| Task brief |
The data below should be printed in full, exactly, and without any of its images.

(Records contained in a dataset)
::::::::

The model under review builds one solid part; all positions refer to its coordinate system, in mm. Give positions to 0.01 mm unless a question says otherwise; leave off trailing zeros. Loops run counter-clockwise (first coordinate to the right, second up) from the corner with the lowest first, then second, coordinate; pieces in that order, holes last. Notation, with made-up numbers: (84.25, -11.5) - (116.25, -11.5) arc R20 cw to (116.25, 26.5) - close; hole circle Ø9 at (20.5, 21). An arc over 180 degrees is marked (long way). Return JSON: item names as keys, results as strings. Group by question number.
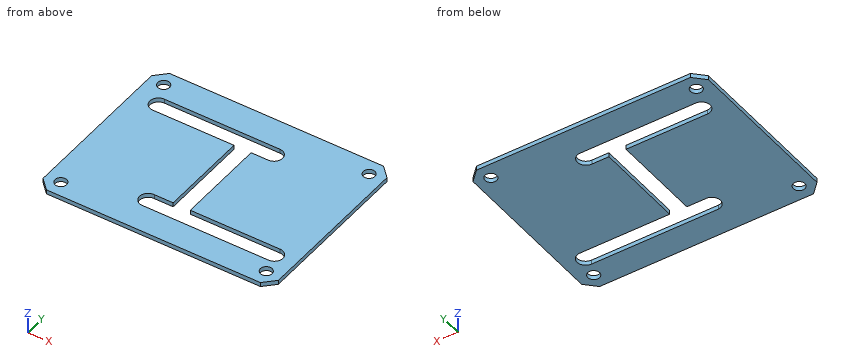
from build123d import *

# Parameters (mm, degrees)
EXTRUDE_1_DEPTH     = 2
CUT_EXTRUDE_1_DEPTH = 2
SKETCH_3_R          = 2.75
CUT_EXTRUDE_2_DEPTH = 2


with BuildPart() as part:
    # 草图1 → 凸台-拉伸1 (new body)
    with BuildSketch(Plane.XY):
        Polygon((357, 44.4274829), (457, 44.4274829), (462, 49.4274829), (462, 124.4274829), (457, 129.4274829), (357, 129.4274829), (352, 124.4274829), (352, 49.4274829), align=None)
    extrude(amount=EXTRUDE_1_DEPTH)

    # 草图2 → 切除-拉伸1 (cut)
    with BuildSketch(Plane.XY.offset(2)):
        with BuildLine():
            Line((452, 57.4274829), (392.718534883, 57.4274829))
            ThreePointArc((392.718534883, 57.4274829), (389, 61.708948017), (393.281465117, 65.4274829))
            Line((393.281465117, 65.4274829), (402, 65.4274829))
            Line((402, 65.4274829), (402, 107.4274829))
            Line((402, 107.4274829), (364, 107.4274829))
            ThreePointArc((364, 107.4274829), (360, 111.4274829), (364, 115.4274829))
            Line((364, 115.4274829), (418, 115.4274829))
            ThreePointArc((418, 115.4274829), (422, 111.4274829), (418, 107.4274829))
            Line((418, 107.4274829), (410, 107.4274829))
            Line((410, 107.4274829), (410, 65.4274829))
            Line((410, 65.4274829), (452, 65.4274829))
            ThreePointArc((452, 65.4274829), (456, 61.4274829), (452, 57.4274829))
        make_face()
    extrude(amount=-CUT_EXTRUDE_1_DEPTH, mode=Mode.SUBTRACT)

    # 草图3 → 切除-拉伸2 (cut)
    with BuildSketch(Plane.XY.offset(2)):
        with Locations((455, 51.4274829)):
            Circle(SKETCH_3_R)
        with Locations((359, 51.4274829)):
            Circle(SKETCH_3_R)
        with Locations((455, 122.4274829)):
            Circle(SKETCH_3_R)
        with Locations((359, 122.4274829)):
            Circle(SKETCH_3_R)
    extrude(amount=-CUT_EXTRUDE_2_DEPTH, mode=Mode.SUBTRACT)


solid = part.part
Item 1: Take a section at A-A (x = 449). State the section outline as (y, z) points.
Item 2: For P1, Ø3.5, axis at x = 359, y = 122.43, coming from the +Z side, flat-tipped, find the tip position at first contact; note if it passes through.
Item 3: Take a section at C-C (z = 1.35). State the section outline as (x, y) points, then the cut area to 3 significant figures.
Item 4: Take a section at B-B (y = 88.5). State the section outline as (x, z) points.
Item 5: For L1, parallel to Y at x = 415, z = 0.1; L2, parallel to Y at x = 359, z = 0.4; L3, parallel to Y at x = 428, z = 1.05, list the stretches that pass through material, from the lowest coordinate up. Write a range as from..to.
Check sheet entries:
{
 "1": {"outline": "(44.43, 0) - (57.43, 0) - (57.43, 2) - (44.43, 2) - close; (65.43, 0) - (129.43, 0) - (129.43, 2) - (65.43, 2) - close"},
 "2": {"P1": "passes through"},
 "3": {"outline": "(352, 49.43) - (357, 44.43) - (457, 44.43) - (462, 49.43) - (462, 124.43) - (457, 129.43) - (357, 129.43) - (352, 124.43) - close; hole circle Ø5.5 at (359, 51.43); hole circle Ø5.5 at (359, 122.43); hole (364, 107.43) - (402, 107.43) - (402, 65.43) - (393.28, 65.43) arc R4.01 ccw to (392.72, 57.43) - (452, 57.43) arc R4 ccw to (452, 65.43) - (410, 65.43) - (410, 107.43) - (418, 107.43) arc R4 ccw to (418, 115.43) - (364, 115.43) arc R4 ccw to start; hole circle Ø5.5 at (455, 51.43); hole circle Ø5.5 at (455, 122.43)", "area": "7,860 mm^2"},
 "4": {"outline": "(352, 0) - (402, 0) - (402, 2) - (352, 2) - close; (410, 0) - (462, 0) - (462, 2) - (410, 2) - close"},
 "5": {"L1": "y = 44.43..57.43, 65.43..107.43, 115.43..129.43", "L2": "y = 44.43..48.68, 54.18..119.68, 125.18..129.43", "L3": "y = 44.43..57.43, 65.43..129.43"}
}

::::::::

| Result of this exercise |
The model under review builds one solid part; all positions refer to its coordinate system, in mm. Give positions to 0.01 mm unless a question says otherwise; leave off trailing zeros. Loops run counter-clockwise (first coordinate to the right, second up) from the corner with the lowest first, then second, coordinate; pieces in that order, holes last. Notation, with made-up numbers: (84.25, -11.5) - (116.25, -11.5) arc R20 cw to (116.25, 26.5) - close; hole circle Ø9 at (20.5, 21). An arc over 180 degrees is marked (long way). Return JSON: item names as keys, results as strings. Group by question number.
from build123d import *

# Parameters (mm, degrees)
EXTRUDE_1_DEPTH     = 2
CUT_EXTRUDE_1_DEPTH = 2
SKETCH_3_R          = 2.75
CUT_EXTRUDE_2_DEPTH = 2


with BuildPart() as part:
    # 草图1 → 凸台-拉伸1 (new body)
    with BuildSketch(Plane.XY):
        Polygon((357, 44.4274829), (457, 44.4274829), (462, 49.4274829), (462, 124.4274829), (457, 129.4274829), (357, 129.4274829), (352, 124.4274829), (352, 49.4274829), align=None)
    extrude(amount=EXTRUDE_1_DEPTH)

    # 草图2 → 切除-拉伸1 (cut)
    with BuildSketch(Plane.XY.offset(2)):
        with BuildLine():
            Line((452, 57.4274829), (392.718534883, 57.4274829))
            ThreePointArc((392.718534883, 57.4274829), (389, 61.708948017), (393.281465117, 65.4274829))
            Line((393.281465117, 65.4274829), (402, 65.4274829))
            Line((402, 65.4274829), (402, 107.4274829))
            Line((402, 107.4274829), (364, 107.4274829))
            ThreePointArc((364, 107.4274829), (360, 111.4274829), (364, 115.4274829))
            Line((364, 115.4274829), (418, 115.4274829))
            ThreePointArc((418, 115.4274829), (422, 111.4274829), (418, 107.4274829))
            Line((418, 107.4274829), (410, 107.4274829))
            Line((410, 107.4274829), (410, 65.4274829))
            Line((410, 65.4274829), (452, 65.4274829))
            ThreePointArc((452, 65.4274829), (456, 61.4274829), (452, 57.4274829))
        make_face()
    extrude(amount=-CUT_EXTRUDE_1_DEPTH, mode=Mode.SUBTRACT)

    # 草图3 → 切除-拉伸2 (cut)
    with BuildSketch(Plane.XY.offset(2)):
        with Locations((455, 51.4274829)):
            Circle(SKETCH_3_R)
        with Locations((359, 51.4274829)):
            Circle(SKETCH_3_R)
        with Locations((455, 122.4274829)):
            Circle(SKETCH_3_R)
        with Locations((359, 122.4274829)):
            Circle(SKETCH_3_R)
    extrude(amount=-CUT_EXTRUDE_2_DEPTH, mode=Mode.SUBTRACT)


solid = part.part
Item 1: Take a section at A-A (x = 449). State the section outline as (y, z) points.
Item 2: For P1, Ø3.5, axis at x = 359, y = 122.43, coming from the +Z side, flat-tipped, find the tip position at first contact; note if it passes through.
Item 3: Take a section at C-C (z = 1.35). State the section outline as (x, y) points, then the cut area to 3 significant figures.
Item 4: Take a section at B-B (y = 88.5). State the section outline as (x, z) points.
Item 5: For L1, parallel to Y at x = 415, z = 0.1; L2, parallel to Y at x = 359, z = 0.4; L3, parallel to Y at x = 428, z = 1.05, list the stretches that pass through material, from the lowest coordinate up. Write a range as from..to.
Check sheet entries:
{
 "1": {"outline": "(44.43, 0) - (57.43, 0) - (57.43, 2) - (44.43, 2) - close; (65.43, 0) - (129.43, 0) - (129.43, 2) - (65.43, 2) - close"},
 "2": {"P1": "passes through"},
 "3": {"outline": "(352, 49.43) - (357, 44.43) - (457, 44.43) - (462, 49.43) - (462, 124.43) - (457, 129.43) - (357, 129.43) - (352, 124.43) - close; hole circle Ø5.5 at (359, 51.43); hole circle Ø5.5 at (359, 122.43); hole (364, 107.43) - (402, 107.43) - (402, 65.43) - (393.28, 65.43) arc R4.01 ccw to (392.72, 57.43) - (452, 57.43) arc R4 ccw to (452, 65.43) - (410, 65.43) - (410, 107.43) - (418, 107.43) arc R4 ccw to (418, 115.43) - (364, 115.43) arc R4 ccw to start; hole circle Ø5.5 at (455, 51.43); hole circle Ø5.5 at (455, 122.43)", "area": "7,860 mm^2"},
 "4": {"outline": "(352, 0) - (402, 0) - (402, 2) - (352, 2) - close; (410, 0) - (462, 0) - (462, 2) - (410, 2) - close"},
 "5": {"L1": "y = 44.43..57.43, 65.43..107.43, 115.43..129.43", "L2": "y = 44.43..48.68, 54.18..119.68, 125.18..129.43", "L3": "y = 44.43..57.43, 65.43..129.43"}
}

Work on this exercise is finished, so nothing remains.